[Start of Attachment]
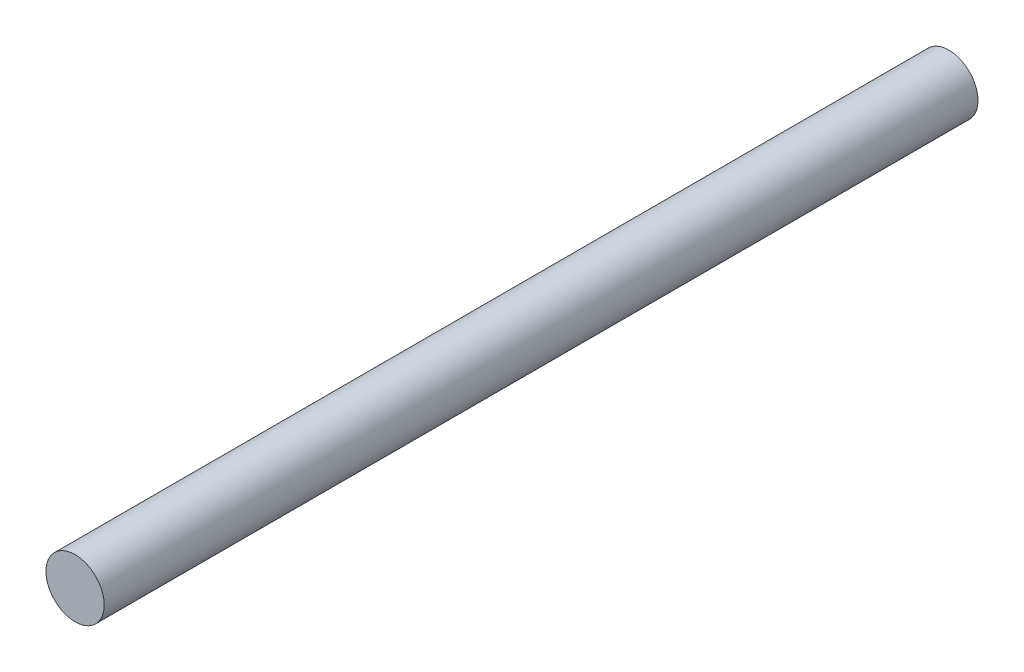
SolidWorks part; units mm, degrees
ref_plane "Front Plane" through (0, 0, 0) normal (0, 0, 1) x (1, 0, 0)
ref_plane "Top Plane" through (0, 0, 0) normal (0, 1, 0) x (1, 0, 0)
ref_plane "Right Plane" through (0, 0, 0) normal (1, 0, 0) x (0, 0, -1)
sketch "Sketch1" plane through (0, 0, 0) normal (0, 0, 1) x (1, 0, 0)
  circle A0 centre (0, 0) radius 1
  dimension "D1" = 2
extrude "Boss-Extrude1" add sketch "Sketch1" along normal blind 30
[End of Attachment]
■ TASK INSTRUCTIONS ■
When you repeat the material, keep every word exact and drop the pictures.

■ RESPONSE TO THIS TASK ■
SolidWorks part; units mm, degrees
ref_plane "Front Plane" through (0, 0, 0) normal (0, 0, 1) x (1, 0, 0)
ref_plane "Top Plane" through (0, 0, 0) normal (0, 1, 0) x (1, 0, 0)
ref_plane "Right Plane" through (0, 0, 0) normal (1, 0, 0) x (0, 0, -1)
sketch "Sketch1" plane through (0, 0, 0) normal (0, 0, 1) x (1, 0, 0)
  circle A0 centre (0, 0) radius 1
  dimension "D1" = 2
extrude "Boss-Extrude1" add sketch "Sketch1" along normal blind 30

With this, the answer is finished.